Task brief:
This task calls for copying every line in the data below that contains the word "Standard".

-=-=-

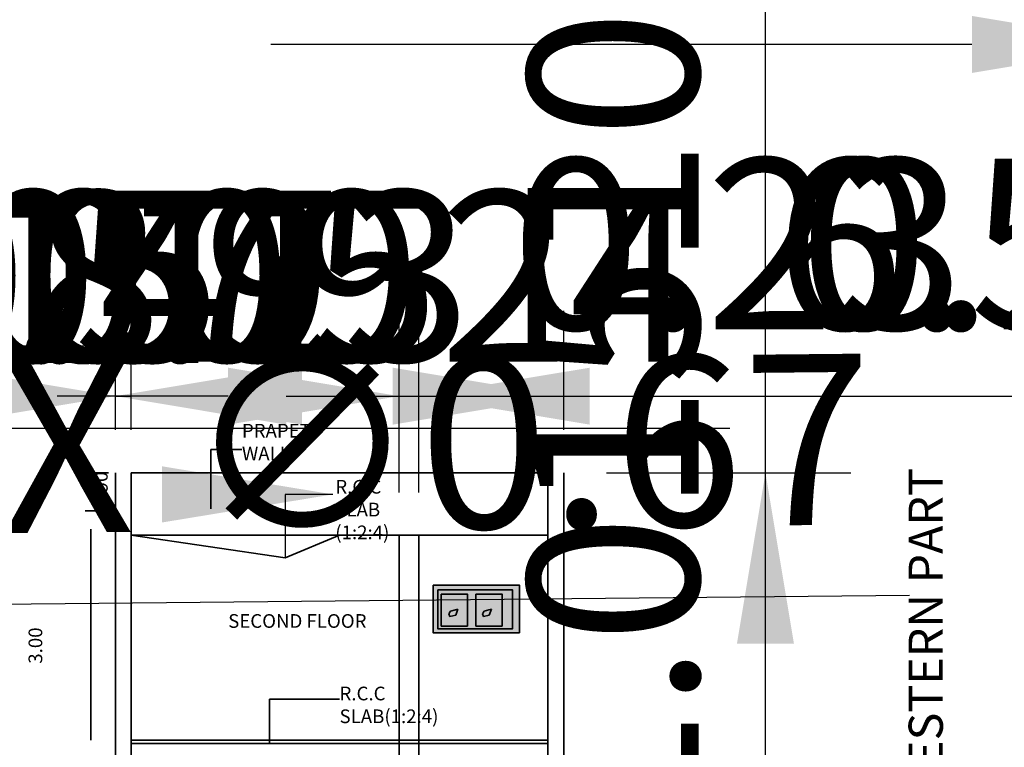
# Model space of a CAD drawing. Units: metres. Extents: x 782 to 1487, y 1262 to 7446.
# Tile 21 of 25: x 801.93 to 816.33, y 1326.35 to 1336.99. Entities that reach past the tile are written whole.
import ezdxf

# ---------------------------------------------------------------- set-up
doc = ezdxf.new("R2010")
doc.units = ezdxf.units.M
for name, color, linetype, lineweight in [('A-ANNO-DIMS', 2, 'Continuous', 18), ('A-ANNO-TEXT', 3, 'Continuous', 18), ('A-SECT', 7, 'Continuous', 35), ('A-SECT-PATT', 9, 'Continuous', 13)]:
    doc.layers.add(name, color=color, linetype=linetype, lineweight=lineweight)
doc.styles.get("Standard").update_dxf_attribs({"font": 'arial.ttf'})
doc.dimstyles.new('ISO-25', dxfattribs={"dimtxt": 2.5, "dimasz": 2.5, "dimexe": 1.25, "dimexo": 0.625, "dimtad": 1, "dimtxsty": 'Standard', "dimcen": 2.5, "dimadec": 0, "dimazin": 0, "dimtfac": 1, "dimtmove": 0, "dimatfit": 3, "dimfxl": 1, "dimarcsym": 0})

# ---------------------------------------------------------------- blocks, each defined once
blk = doc.blocks.new('*D12')
at = {"layer": 'A-ANNO-DIMS', "color": 0, "lineweight": -2, "transparency": 16777216}
for p, q in [((818.357, 1335.252), (818.357, 1337.877)), ((823.837, 1335.252), (823.837, 1337.877)), ((815.857, 1336.627), (805.608, 1336.627)), ((823.837, 1336.627), (818.357, 1336.627)), ((826.337, 1336.627), (828.837, 1336.627))]:
    blk.add_line(p, q, dxfattribs=at)
at = {"layer": 'A-ANNO-DIMS', "color": 0, "transparency": 16777216}
for points in [[(815.857, 1337.044), (815.857, 1336.21), (818.357, 1336.627)], [(826.337, 1337.044), (826.337, 1336.21), (823.837, 1336.627)]]:
    blk.add_solid(points, dxfattribs=at)
at = {"layer": 'Defpoints', "color": 0, "transparency": 16777216}
for p in [(818.357, 1336.627), (818.357, 1334.627), (823.837, 1334.627)]:
    blk.add_point(p, dxfattribs=at)
at = {"layer": 'A-ANNO-DIMS', "color": 0, "transparency": 16777216, "insert": (809.482, 1338.754), "char_height": 2.5, "width": 6.51678, "attachment_point": 5}
blk.add_mtext('5,48', dxfattribs=at)
blk = doc.blocks.new('*D116')
at = {"layer": 'A-ANNO-DIMS', "color": 0, "lineweight": -2, "transparency": 16777216}
for p, q in [((791.782, 1330.988), (791.782, 1332.263)), ((792.923, 1329.614), (792.923, 1332.263)), ((789.282, 1331.013), (786.782, 1331.013)), ((791.782, 1331.013), (792.923, 1331.013)), ((795.423, 1331.013), (805.421, 1331.013))]:
    blk.add_line(p, q, dxfattribs=at)
at = {"layer": 'A-ANNO-DIMS', "color": 0, "transparency": 16777216}
for points in [[(789.282, 1331.43), (789.282, 1330.597), (791.782, 1331.013)], [(795.423, 1331.43), (795.423, 1330.597), (792.923, 1331.013)]]:
    blk.add_solid(points, dxfattribs=at)
at = {"layer": 'Defpoints', "color": 0, "transparency": 16777216}
for p in [(792.923, 1331.013), (791.782, 1330.363), (792.923, 1328.989)]:
    blk.add_point(p, dxfattribs=at)
at = {"layer": 'A-ANNO-DIMS', "color": 0, "transparency": 16777216, "insert": (801.672, 1332.894), "char_height": 2.5, "attachment_point": 5}
blk.add_mtext('1.14', dxfattribs=at)
blk = doc.blocks.new('*D117')
at = {"layer": 'A-ANNO-DIMS', "color": 0, "lineweight": -2, "transparency": 16777216}
for p, q in [((792.923, 1329.614), (792.923, 1332.263)), ((793.726, 1327.207), (793.726, 1332.263)), ((790.423, 1331.013), (787.923, 1331.013)), ((792.923, 1331.013), (793.726, 1331.013)), ((796.226, 1331.013), (806.461, 1331.013))]:
    blk.add_line(p, q, dxfattribs=at)
at = {"layer": 'A-ANNO-DIMS', "color": 0, "transparency": 16777216}
for points in [[(790.423, 1331.43), (790.423, 1330.597), (792.923, 1331.013)], [(796.226, 1331.43), (796.226, 1330.597), (793.726, 1331.013)]]:
    blk.add_solid(points, dxfattribs=at)
at = {"layer": 'Defpoints', "color": 0, "transparency": 16777216}
for p in [(793.726, 1331.013), (792.923, 1328.989), (793.726, 1326.582)]:
    blk.add_point(p, dxfattribs=at)
at = {"layer": 'A-ANNO-DIMS', "color": 0, "transparency": 16777216, "insert": (802.594, 1332.915), "char_height": 2.5, "attachment_point": 5}
blk.add_mtext('0.80', dxfattribs=at)
blk = doc.blocks.new('*D118')
at = {"layer": 'A-ANNO-DIMS', "color": 0, "lineweight": -2, "transparency": 16777216}
for p, q in [((793.726, 1327.207), (793.726, 1332.263)), ((794.32, 1327.207), (794.32, 1332.263)), ((791.226, 1331.013), (788.726, 1331.013)), ((793.726, 1331.013), (794.32, 1331.013)), ((796.82, 1331.013), (807.069, 1331.013))]:
    blk.add_line(p, q, dxfattribs=at)
at = {"layer": 'A-ANNO-DIMS', "color": 0, "transparency": 16777216}
for points in [[(791.226, 1331.43), (791.226, 1330.597), (793.726, 1331.013)], [(796.82, 1331.43), (796.82, 1330.597), (794.32, 1331.013)]]:
    blk.add_solid(points, dxfattribs=at)
at = {"layer": 'Defpoints', "color": 0, "transparency": 16777216}
for p in [(794.32, 1331.013), (793.726, 1326.582), (794.32, 1326.582)]:
    blk.add_point(p, dxfattribs=at)
at = {"layer": 'A-ANNO-DIMS', "color": 0, "transparency": 16777216, "insert": (803.194, 1332.915), "char_height": 2.5, "attachment_point": 5}
blk.add_mtext('0.59', dxfattribs=at)
blk = doc.blocks.new('*D119')
at = {"layer": 'A-ANNO-DIMS', "color": 0, "lineweight": -2, "transparency": 16777216}
for p, q in [((794.32, 1327.207), (794.32, 1332.263)), ((794.83, 1330.074), (794.83, 1332.263)), ((791.82, 1331.013), (789.32, 1331.013)), ((794.32, 1331.013), (794.83, 1331.013)), ((797.33, 1331.013), (807.091, 1331.013))]:
    blk.add_line(p, q, dxfattribs=at)
at = {"layer": 'A-ANNO-DIMS', "color": 0, "transparency": 16777216}
for points in [[(791.82, 1331.43), (791.82, 1330.597), (794.32, 1331.013)], [(797.33, 1331.43), (797.33, 1330.597), (794.83, 1331.013)]]:
    blk.add_solid(points, dxfattribs=at)
at = {"layer": 'Defpoints', "color": 0, "transparency": 16777216}
for p in [(794.83, 1331.013), (794.83, 1329.449), (794.32, 1326.582)]:
    blk.add_point(p, dxfattribs=at)
at = {"layer": 'A-ANNO-DIMS', "color": 0, "transparency": 16777216, "insert": (803.46, 1332.915), "char_height": 2.5, "attachment_point": 5}
blk.add_mtext('0.51', dxfattribs=at)
blk = doc.blocks.new('*D120')
at = {"layer": 'A-ANNO-DIMS', "color": 0, "lineweight": -2, "transparency": 16777216}
for p, q in [((794.83, 1330.074), (794.83, 1332.263)), ((795.62, 1329.519), (795.62, 1332.263)), ((792.33, 1331.013), (789.83, 1331.013)), ((794.83, 1331.013), (795.62, 1331.013)), ((798.12, 1331.013), (808.369, 1331.013))]:
    blk.add_line(p, q, dxfattribs=at)
at = {"layer": 'A-ANNO-DIMS', "color": 0, "transparency": 16777216}
for points in [[(792.33, 1331.43), (792.33, 1330.597), (794.83, 1331.013)], [(798.12, 1331.43), (798.12, 1330.597), (795.62, 1331.013)]]:
    blk.add_solid(points, dxfattribs=at)
at = {"layer": 'Defpoints', "color": 0, "transparency": 16777216}
for p in [(795.62, 1331.013), (794.83, 1329.449), (795.62, 1328.894)]:
    blk.add_point(p, dxfattribs=at)
at = {"layer": 'A-ANNO-DIMS', "color": 0, "transparency": 16777216, "insert": (804.495, 1332.915), "char_height": 2.5, "attachment_point": 5}
blk.add_mtext('0.79', dxfattribs=at)
blk = doc.blocks.new('*D121')
at = {"layer": 'A-ANNO-DIMS', "color": 0, "lineweight": -2, "transparency": 16777216}
for p, q in [((795.62, 1329.519), (795.62, 1332.263)), ((796.354, 1329.519), (796.354, 1332.263)), ((793.12, 1331.013), (790.62, 1331.013)), ((795.62, 1331.013), (796.354, 1331.013)), ((798.854, 1331.013), (809.098, 1331.013))]:
    blk.add_line(p, q, dxfattribs=at)
at = {"layer": 'A-ANNO-DIMS', "color": 0, "transparency": 16777216}
for points in [[(793.12, 1331.43), (793.12, 1330.597), (795.62, 1331.013)], [(798.854, 1331.43), (798.854, 1330.597), (796.354, 1331.013)]]:
    blk.add_solid(points, dxfattribs=at)
at = {"layer": 'Defpoints', "color": 0, "transparency": 16777216}
for p in [(796.354, 1331.013), (795.62, 1328.894), (796.354, 1328.894)]:
    blk.add_point(p, dxfattribs=at)
at = {"layer": 'A-ANNO-DIMS', "color": 0, "transparency": 16777216, "insert": (805.226, 1332.916), "char_height": 2.5, "attachment_point": 5}
blk.add_mtext('0.73', dxfattribs=at)
blk = doc.blocks.new('*D122')
at = {"layer": 'A-ANNO-DIMS', "color": 0, "lineweight": -2, "transparency": 16777216}
for p, q in [((796.354, 1329.519), (796.354, 1332.263)), ((797.878, 1330.988), (797.878, 1332.263)), ((793.854, 1331.013), (791.354, 1331.013)), ((796.354, 1331.013), (797.878, 1331.013)), ((800.378, 1331.013), (812.318, 1331.013))]:
    blk.add_line(p, q, dxfattribs=at)
at = {"layer": 'A-ANNO-DIMS', "color": 0, "transparency": 16777216}
for points in [[(793.854, 1331.43), (793.854, 1330.597), (796.354, 1331.013)], [(800.378, 1331.43), (800.378, 1330.597), (797.878, 1331.013)]]:
    blk.add_solid(points, dxfattribs=at)
at = {"layer": 'Defpoints', "color": 0, "transparency": 16777216}
for p in [(797.878, 1331.013), (797.878, 1330.363), (796.354, 1328.894)]:
    blk.add_point(p, dxfattribs=at)
at = {"layer": 'A-ANNO-DIMS', "color": 0, "transparency": 16777216, "insert": (807.598, 1332.915), "char_height": 2.5, "attachment_point": 5}
blk.add_mtext('1.524', dxfattribs=at)
blk = doc.blocks.new('*D137')
at = {"layer": 'A-ANNO-DIMS', "color": 0, "lineweight": -2, "transparency": 16777216}
for p, q in [((803.332, 1330.988), (803.332, 1332.733)), ((809.888, 1330.988), (809.888, 1332.733)), ((805.832, 1331.483), (807.388, 1331.483)), ((809.888, 1331.483), (822.086, 1331.483))]:
    blk.add_line(p, q, dxfattribs=at)
at = {"layer": 'A-ANNO-DIMS', "color": 0, "transparency": 16777216}
for points in [[(805.832, 1331.899), (805.832, 1331.066), (803.332, 1331.483)], [(807.388, 1331.899), (807.388, 1331.066), (809.888, 1331.483)]]:
    blk.add_solid(points, dxfattribs=at)
at = {"layer": 'Defpoints', "color": 0, "transparency": 16777216}
for p in [(809.888, 1331.483), (803.332, 1330.363), (809.888, 1330.363)]:
    blk.add_point(p, dxfattribs=at)
at = {"layer": 'A-ANNO-DIMS', "color": 0, "transparency": 16777216, "insert": (817.237, 1333.384), "char_height": 2.5, "attachment_point": 5}
blk.add_mtext('6.556', dxfattribs=at)
blk = doc.blocks.new('*D138')
at = {"layer": 'A-ANNO-DIMS', "color": 0, "lineweight": -2, "transparency": 16777216}
for p, q in [((803.332, 1330.988), (803.332, 1332.733)), ((803.562, 1330.988), (803.562, 1332.733)), ((800.832, 1331.483), (798.332, 1331.483)), ((803.332, 1331.483), (803.562, 1331.483)), ((806.062, 1331.483), (816.306, 1331.483))]:
    blk.add_line(p, q, dxfattribs=at)
at = {"layer": 'A-ANNO-DIMS', "color": 0, "transparency": 16777216}
for points in [[(800.832, 1331.899), (800.832, 1331.066), (803.332, 1331.483)], [(806.062, 1331.899), (806.062, 1331.066), (803.562, 1331.483)]]:
    blk.add_solid(points, dxfattribs=at)
at = {"layer": 'Defpoints', "color": 0, "transparency": 16777216}
for p in [(803.562, 1331.483), (803.332, 1330.363), (803.562, 1330.363)]:
    blk.add_point(p, dxfattribs=at)
at = {"layer": 'A-ANNO-DIMS', "color": 0, "transparency": 16777216, "insert": (812.434, 1333.385), "char_height": 2.5, "attachment_point": 5}
blk.add_mtext('0.23', dxfattribs=at)
blk = doc.blocks.new('*D139')
at = {"layer": 'A-ANNO-DIMS', "color": 0, "lineweight": -2, "transparency": 16777216}
for p, q in [((807.481, 1330.074), (807.481, 1332.733)), ((807.769, 1330.074), (807.769, 1332.733)), ((804.981, 1331.483), (802.481, 1331.483)), ((807.481, 1331.483), (807.769, 1331.483)), ((810.269, 1331.483), (820.518, 1331.483))]:
    blk.add_line(p, q, dxfattribs=at)
at = {"layer": 'A-ANNO-DIMS', "color": 0, "transparency": 16777216}
for points in [[(804.981, 1331.899), (804.981, 1331.066), (807.481, 1331.483)], [(810.269, 1331.899), (810.269, 1331.066), (807.769, 1331.483)]]:
    blk.add_solid(points, dxfattribs=at)
at = {"layer": 'Defpoints', "color": 0, "transparency": 16777216}
for p in [(807.769, 1331.483), (807.481, 1329.449), (807.769, 1329.449)]:
    blk.add_point(p, dxfattribs=at)
at = {"layer": 'A-ANNO-DIMS', "color": 0, "transparency": 16777216, "insert": (816.644, 1333.384), "char_height": 2.5, "attachment_point": 5}
blk.add_mtext('0.29', dxfattribs=at)
blk = doc.blocks.new('*D145')
at = {"layer": 'A-ANNO-DIMS', "color": 0, "lineweight": -2, "transparency": 16777216}
for p, q in [((812.839, 1322.045), (812.839, 1334.015)), ((811.308, 1319.545), (814.089, 1319.545)), ((812.839, 1318.53), (812.839, 1319.545)), ((811.308, 1318.53), (814.089, 1318.53)), ((812.839, 1316.03), (812.839, 1313.53))]:
    blk.add_line(p, q, dxfattribs=at)
at = {"layer": 'A-ANNO-DIMS', "color": 0, "transparency": 16777216}
for points in [[(812.422, 1322.045), (813.255, 1322.045), (812.839, 1319.545)], [(812.422, 1316.03), (813.255, 1316.03), (812.839, 1318.53)]]:
    blk.add_solid(points, dxfattribs=at)
at = {"layer": 'Defpoints', "color": 0, "transparency": 16777216}
for p in [(810.683, 1319.545), (812.839, 1319.545), (810.683, 1318.53)]:
    blk.add_point(p, dxfattribs=at)
at = {"layer": 'A-ANNO-DIMS', "color": 0, "transparency": 16777216, "insert": (810.937, 1329.28), "char_height": 2.5, "attachment_point": 5, "rotation": 90}
blk.add_mtext('1.015', dxfattribs=at)
blk = doc.blocks.new('*D146')
at = {"layer": 'A-ANNO-DIMS', "color": 0, "lineweight": -2, "transparency": 16777216}
for p, q in [((812.839, 1330.363), (812.839, 1344.262)), ((810.513, 1330.363), (814.089, 1330.363)), ((812.839, 1322.045), (812.839, 1327.863)), ((810.513, 1319.545), (814.089, 1319.545))]:
    blk.add_line(p, q, dxfattribs=at)
at = {"layer": 'A-ANNO-DIMS', "color": 0, "transparency": 16777216}
for points in [[(812.422, 1327.863), (813.255, 1327.863), (812.839, 1330.363)], [(812.422, 1322.045), (813.255, 1322.045), (812.839, 1319.545)]]:
    blk.add_solid(points, dxfattribs=at)
at = {"layer": 'Defpoints', "color": 0, "transparency": 16777216}
for p in [(809.888, 1330.363), (812.839, 1330.363), (809.888, 1319.545)]:
    blk.add_point(p, dxfattribs=at)
at = {"layer": 'A-ANNO-DIMS', "color": 0, "transparency": 16777216, "insert": (810.937, 1338.563), "char_height": 2.5, "attachment_point": 5, "rotation": 90}
blk.add_mtext('10.818', dxfattribs=at)
blk = doc.blocks.new('*D170')
at = {"layer": 'A-ANNO-DIMS', "color": 0, "lineweight": -2, "transparency": 16777216}
for p, q in [((814.947, 1328.566), (796.747, 1328.385)), ((791.077, 1328.328), (788.578, 1328.304)), ((793.577, 1328.353), (794.248, 1328.36))]:
    blk.add_line(p, q, dxfattribs=at)
at = {"layer": 'A-ANNO-DIMS', "color": 0, "transparency": 16777216}
for points in [[(791.073, 1328.745), (791.082, 1327.912), (793.577, 1328.353)], [(796.743, 1328.802), (796.752, 1327.968), (794.248, 1328.36)]]:
    blk.add_solid(points, dxfattribs=at)
at = {"layer": 'Defpoints', "color": 0, "transparency": 16777216}
for p in [(793.577, 1328.353), (794.248, 1328.36)]:
    blk.add_point(p, dxfattribs=at)
at = {"layer": 'A-ANNO-DIMS', "color": 0, "transparency": 16777216, "insert": (807.078, 1330.459), "char_height": 2.5, "attachment_point": 5, "rotation": 0.5708}
blk.add_mtext('3X ∅0.67', dxfattribs=at)

msp = doc.modelspace()

# ---------------------------------------------------------------- hatches: boundary and pattern name
at = {"layer": 'A-SECT-PATT'}
h = msp.add_hatch(color=256, dxfattribs=at)
h.dxf.hatch_style = 1
h.paths.add_polyline_path([(809.2411, 1328.7199), (807.9777, 1328.7199), (807.9777, 1328.0213), (809.2411, 1328.0213)])
h.paths.add_polyline_path([(809.1376, 1328.0792), (808.0486, 1328.0792), (808.0486, 1328.6511), (809.1376, 1328.6511)], flags=16)
h.paths.add_polyline_path([(808.9875, 1328.1205), (808.6043, 1328.1205), (808.6043, 1328.5874), (808.9875, 1328.5874)], flags=0)
h.paths.add_polyline_path([(808.4803, 1328.1205), (808.0971, 1328.1205), (808.0971, 1328.5874), (808.4803, 1328.5874)], flags=0)
h = msp.add_hatch(color=256, dxfattribs=at)
h.dxf.hatch_style = 1
h.paths.add_polyline_path([(809.1376, 1328.6511), (808.0486, 1328.6511), (808.0486, 1328.0792), (809.1376, 1328.0792)])
h.paths.add_polyline_path([(808.4803, 1328.5874), (808.4803, 1328.1205), (808.0971, 1328.1205), (808.0971, 1328.5874)], flags=16)
h.paths.add_polyline_path([(808.3426, 1328.3672), (808.3106, 1328.2799), (808.224, 1328.2583), (808.2108, 1328.2968), (808.2343, 1328.3373), (808.3059, 1328.357)], flags=0)
h.paths.add_polyline_path([(808.6043, 1328.5874), (808.9875, 1328.5874), (808.9875, 1328.1205), (808.6043, 1328.1205)], flags=16)
h.paths.add_polyline_path([(808.7238, 1328.3373), (808.7953, 1328.357), (808.8321, 1328.3672), (808.8, 1328.2799), (808.7134, 1328.2583), (808.7002, 1328.2968)], flags=0)
h = msp.add_hatch(color=256, dxfattribs=at)
h.dxf.hatch_style = 1
h.paths.add_polyline_path([(808.4803, 1328.5874), (808.0971, 1328.5874), (808.0971, 1328.1205), (808.4803, 1328.1205)])
h.paths.add_polyline_path([(808.3106, 1328.2799), (808.224, 1328.2583), (808.2108, 1328.2968), (808.2343, 1328.3373), (808.3059, 1328.357), (808.3426, 1328.3672)], flags=16)
h.paths.add_polyline_path([(808.9875, 1328.5874), (808.6043, 1328.5874), (808.6043, 1328.1205), (808.9875, 1328.1205)])
h.paths.add_polyline_path([(808.7238, 1328.3373), (808.7953, 1328.357), (808.8321, 1328.3672), (808.8, 1328.2799), (808.7134, 1328.2583), (808.7002, 1328.2968)], flags=16)
h = msp.add_hatch(color=256, dxfattribs=at)
h.dxf.hatch_style = 1
h.paths.add_polyline_path([(808.3426, 1328.3672), (808.3059, 1328.357), (808.2343, 1328.3373), (808.2108, 1328.2968), (808.224, 1328.2583), (808.3106, 1328.2799)])
h.paths.add_polyline_path([(808.8321, 1328.3672), (808.7953, 1328.357), (808.7238, 1328.3373), (808.7002, 1328.2968), (808.7134, 1328.2583), (808.8, 1328.2799)])

# ---------------------------------------------------------------- linework, layer by layer
at = {"layer": 'A-SECT'}
for p, q in [((805.1827, 1330.7028), (804.7268, 1330.7028)), ((804.7268, 1330.7028), (804.7268, 1329.8359)), ((802.8929, 1330.3635), (803.233, 1330.3635)), ((803.3321, 1320.4591), (803.3321, 1330.3635)), ((803.5621, 1330.3635), (809.6581, 1330.3635)), ((803.5621, 1320.4591), (803.5621, 1330.3635)), ((809.6581, 1320.4591), (809.6581, 1330.3635)), ((809.8881, 1320.4591), (809.8881, 1330.3635)), ((803.2609, 1329.8066), (802.8929, 1329.8066)), ((802.9742, 1326.4523), (802.9742, 1329.5361)), ((803.5621, 1329.4495), (809.6581, 1329.4495)), ((805.8175, 1329.1172), (803.5621, 1329.4495)), ((805.8175, 1329.1172), (806.6101, 1329.4495)), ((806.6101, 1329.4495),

-=-=-

Finished exercise:
doc.styles.get("Standard").update_dxf_attribs({"font": 'arial.ttf'})
doc.dimstyles.new('ISO-25', dxfattribs={"dimtxt": 2.5, "dimasz": 2.5, "dimexe": 1.25, "dimexo": 0.625, "dimtad": 1, "dimtxsty": 'Standard', "dimcen": 2.5, "dimadec": 0, "dimazin": 0, "dimtfac": 1, "dimtmove": 0, "dimatfit": 3, "dimfxl": 1, "dimarcsym": 0})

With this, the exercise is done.